→ **EXERCISE**: Search the material below for the string "origin" and extract each line that has it.

→ **SUPPLIED DATA**:
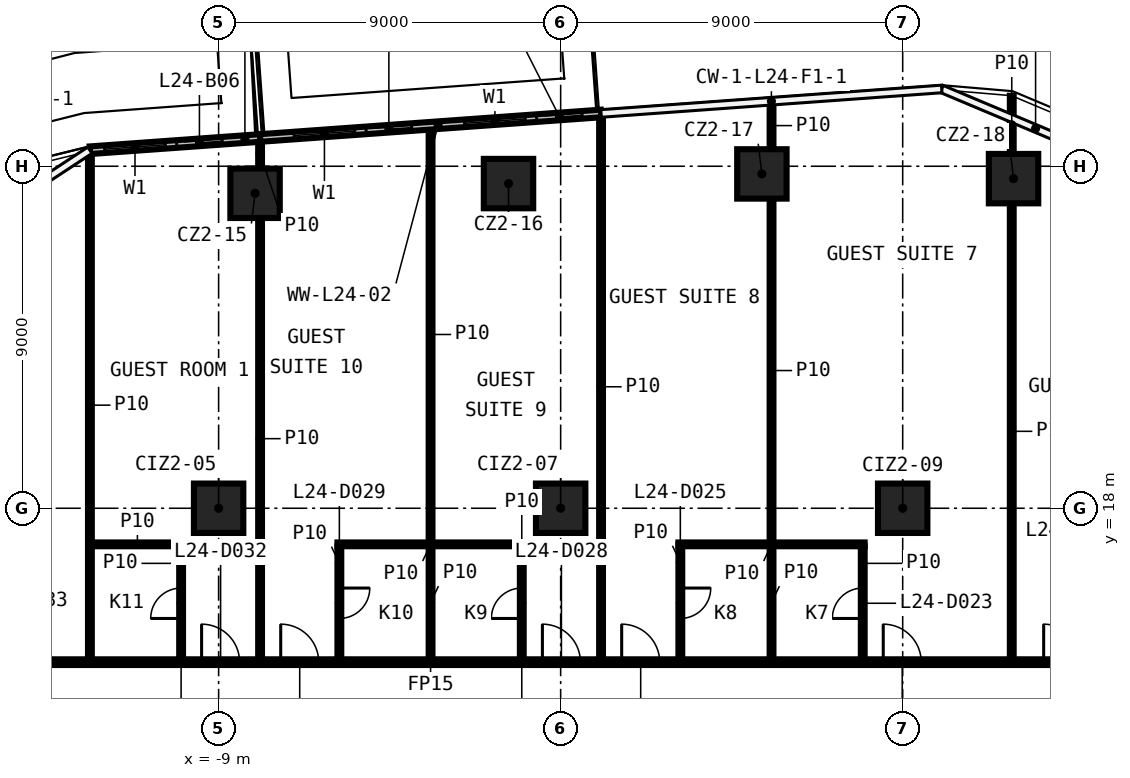
"""IFC4 building model, lengths in metres.
Left out: names, types, materials, properties, quantities, classifications, styles, units other than length and angle.
Written with IfcOpenShell. Run it as: python <this file> out.ifc"""

import sys

from ifc_helpers import new_model, si_unit, direction, frame, frame_2d, origin, origin_2d, place, context, subcontext, project, spatial, rectangle, extrude, element, fill, save


model = new_model("IFC4")
c1 = context("Model", 3, precision=1e-05, world=origin(), true_north=direction((0.0, 1.0)))
c2 = subcontext(c1, "Body", "Model", "MODEL_VIEW")
j1 = project(units=[si_unit("LENGTHUNIT", "METRE"), si_unit("PLANEANGLEUNIT", "RADIAN")], contexts=[c1])
p1 = place(None, origin())
s1 = spatial("IfcSite", under=j1, at=p1, CompositionType="ELEMENT")
p2 = place(p1, origin())
s2 = spatial("IfcBuilding", under=s1, at=p2, CompositionType="ELEMENT")
p3 = place(p2, frame((0.0, 0.0, 113.7)))
s3 = spatial("IfcBuildingStorey", under=s2, at=p3, CompositionType="ELEMENT", Elevation=113.7)
for number, where, z_axis, x_axis in (
    (1, (-8.041, 26.288, 0.0), (0.0, 0.0, 1.0), (1.0, 0.0, 0.0)),
    (2, (-1.372, 26.544, 0.0), (0.0, 0.0, 1.0), (1.0, 0.0, 0.0)),
    (3, (5.295, 26.798, 0.0), (0.0, 0.0, 1.0), (1.0, 0.0, 0.0)),
    (4, (11.917, 26.674, 0.0), (0.0, 0.0, 1.0), (1.0, 0.0, 0.0)),
    (5, (-9.0, 18.0, 0.0), (0.0, 0.0, 1.0), (1.0, 0.0, 0.0)),
    (6, (0.0, 18.0, 0.0), (0.0, 0.0, 1.0), (1.0, 0.0, 0.0)),
    (7, (9.0, 18.0, 0.0), (0.0, 0.0, 1.0), (1.0, 0.0, 0.0)),
):
    element("IfcColumn", number, at=place(p3, frame(where, z_axis=z_axis, x_axis=x_axis)), inside=s3, PredefinedType="COLUMN", context=c2, shape_type="SweptSolid", body=[
        extrude(rectangle(XDim=1.3, YDim=1.3, at=origin_2d()), origin(), (0.0, 0.0, 1.0), 3.3),
    ])
p4 = place(p3, frame((-17.025, 13.95, 0.0), z_axis=(0.0, 0.0, 1.0), x_axis=(1.0, 0.0, 0.0)))
e8 = element("IfcWall", 8, at=p4, inside=s3, PredefinedType="PARTITIONING", context=c2, shape_type="SweptSolid", body=[
    extrude(rectangle(XDim=34.05, YDim=0.15, at=frame_2d((17.025, 0.0))), origin(), (0.0, 0.0, 1.0), 3.3),
])
p5 = place(p4, frame((29.735, 0.0, 0.0)))
e9 = element("IfcOpeningElement", 9, at=p5, cuts=e8, PredefinedType="OPENING", context=c2, shape_type="SweptSolid", body=[
    extrude(rectangle(XDim=1.0, YDim=2.1, at=frame_2d((0.5, 1.05))), frame((0.0, 0.085, 0.0), z_axis=(0.0, -1.0, 0.0), x_axis=(1.0, 0.0, 0.0)), (0.0, 0.0, 1.0), 0.17),
])
p6 = place(p4, frame((25.513, 0.0, 0.0)))
e10 = element("IfcOpeningElement", 10, at=p6, cuts=e8, PredefinedType="OPENING", context=c2, shape_type="SweptSolid", body=[
    extrude(rectangle(XDim=1.0, YDim=2.1, at=frame_2d((0.5, 1.05))), frame((0.0, 0.085, 0.0), z_axis=(0.0, -1.0, 0.0), x_axis=(1.0, 0.0, 0.0)), (0.0, 0.0, 1.0), 0.17),
])
p7 = place(p4, frame((18.631, 0.0, 0.0)))
e11 = element("IfcOpeningElement", 11, at=p7, cuts=e8, PredefinedType="OPENING", context=c2, shape_type="SweptSolid", body=[
    extrude(rectangle(XDim=1.0, YDim=2.1, at=frame_2d((0.5, 1.05))), frame((0.0, 0.085, 0.0), z_axis=(0.0, -1.0, 0.0), x_axis=(1.0, 0.0, 0.0)), (0.0, 0.0, 1.0), 0.17),
])
p8 = place(p4, frame((16.545, 0.0, 0.0)))
e12 = element("IfcOpeningElement", 12, at=p8, cuts=e8, PredefinedType="OPENING", context=c2, shape_type="SweptSolid", body=[
    extrude(rectangle(XDim=1.0, YDim=2.1, at=frame_2d((0.5, 1.05))), frame((0.0, 0.085, 0.0), z_axis=(0.0, -1.0, 0.0), x_axis=(1.0, 0.0, 0.0)), (0.0, 0.0, 1.0), 0.17),
])
p9 = place(p4, frame((9.659, 0.0, 0.0)))
e13 = element("IfcOpeningElement", 13, at=p9, cuts=e8, PredefinedType="OPENING", context=c2, shape_type="SweptSolid", body=[
    extrude(rectangle(XDim=1.0, YDim=2.1, at=frame_2d((0.5, 1.05))), frame((0.0, 0.085, 0.0), z_axis=(0.0, -1.0, 0.0), x_axis=(1.0, 0.0, 0.0)), (0.0, 0.0, 1.0), 0.17),
])
p10 = place(p4, frame((7.577, 0.0, 0.0)))
e14 = element("IfcOpeningElement", 14, at=p10, cuts=e8, PredefinedType="OPENING", context=c2, shape_type="SweptSolid", body=[
    extrude(rectangle(XDim=1.0, YDim=2.1, at=frame_2d((0.5, 1.05))), frame((0.0, 0.085, 0.0), z_axis=(0.0, -1.0, 0.0), x_axis=(1.0, 0.0, 0.0)), (0.0, 0.0, 1.0), 0.17),
])
p11 = place(p4, frame((2.381, 0.0, 0.0)))
e15 = element("IfcOpeningElement", 15, at=p11, cuts=e8, PredefinedType="OPENING", context=c2, shape_type="SweptSolid", body=[
    extrude(rectangle(XDim=0.9, YDim=2.1, at=frame_2d((0.45, 1.05))), frame((0.0, 0.085, 0.0), z_axis=(0.0, -1.0, 0.0), x_axis=(1.0, 0.0, 0.0)), (0.0, 0.0, 1.0), 0.17),
])
p12 = place(p3, frame((-12.337, 17.05, 0.0), z_axis=(0.0, 0.0, 1.0), x_axis=(1.0, 0.0, 0.0)))
e16 = element("IfcWall", 16, at=p12, inside=s3, PredefinedType="PARTITIONING", context=c2, shape_type="SweptSolid", body=[
    extrude(rectangle(XDim=2.4, YDim=0.1, at=frame_2d((1.2, 0.0))), origin(), (0.0, 0.0, 1.0), 3.3),
])
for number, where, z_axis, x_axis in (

→ **RESPONSE AREA**:
from ifc_helpers import new_model, si_unit, direction, frame, frame_2d, origin, origin_2d, place, context, subcontext, project, spatial, rectangle, extrude, element, fill, save
c1 = context("Model", 3, precision=1e-05, world=origin(), true_north=direction((0.0, 1.0)))
p1 = place(None, origin())
p2 = place(p1, origin())
        extrude(rectangle(XDim=1.3, YDim=1.3, at=origin_2d()), origin(), (0.0, 0.0, 1.0), 3.3),
    extrude(rectangle(XDim=34.05, YDim=0.15, at=frame_2d((17.025, 0.0))), origin(), (0.0, 0.0, 1.0), 3.3),
    extrude(rectangle(XDim=2.4, YDim=0.1, at=frame_2d((1.2, 0.0))), origin(), (0.0, 0.0, 1.0), 3.3),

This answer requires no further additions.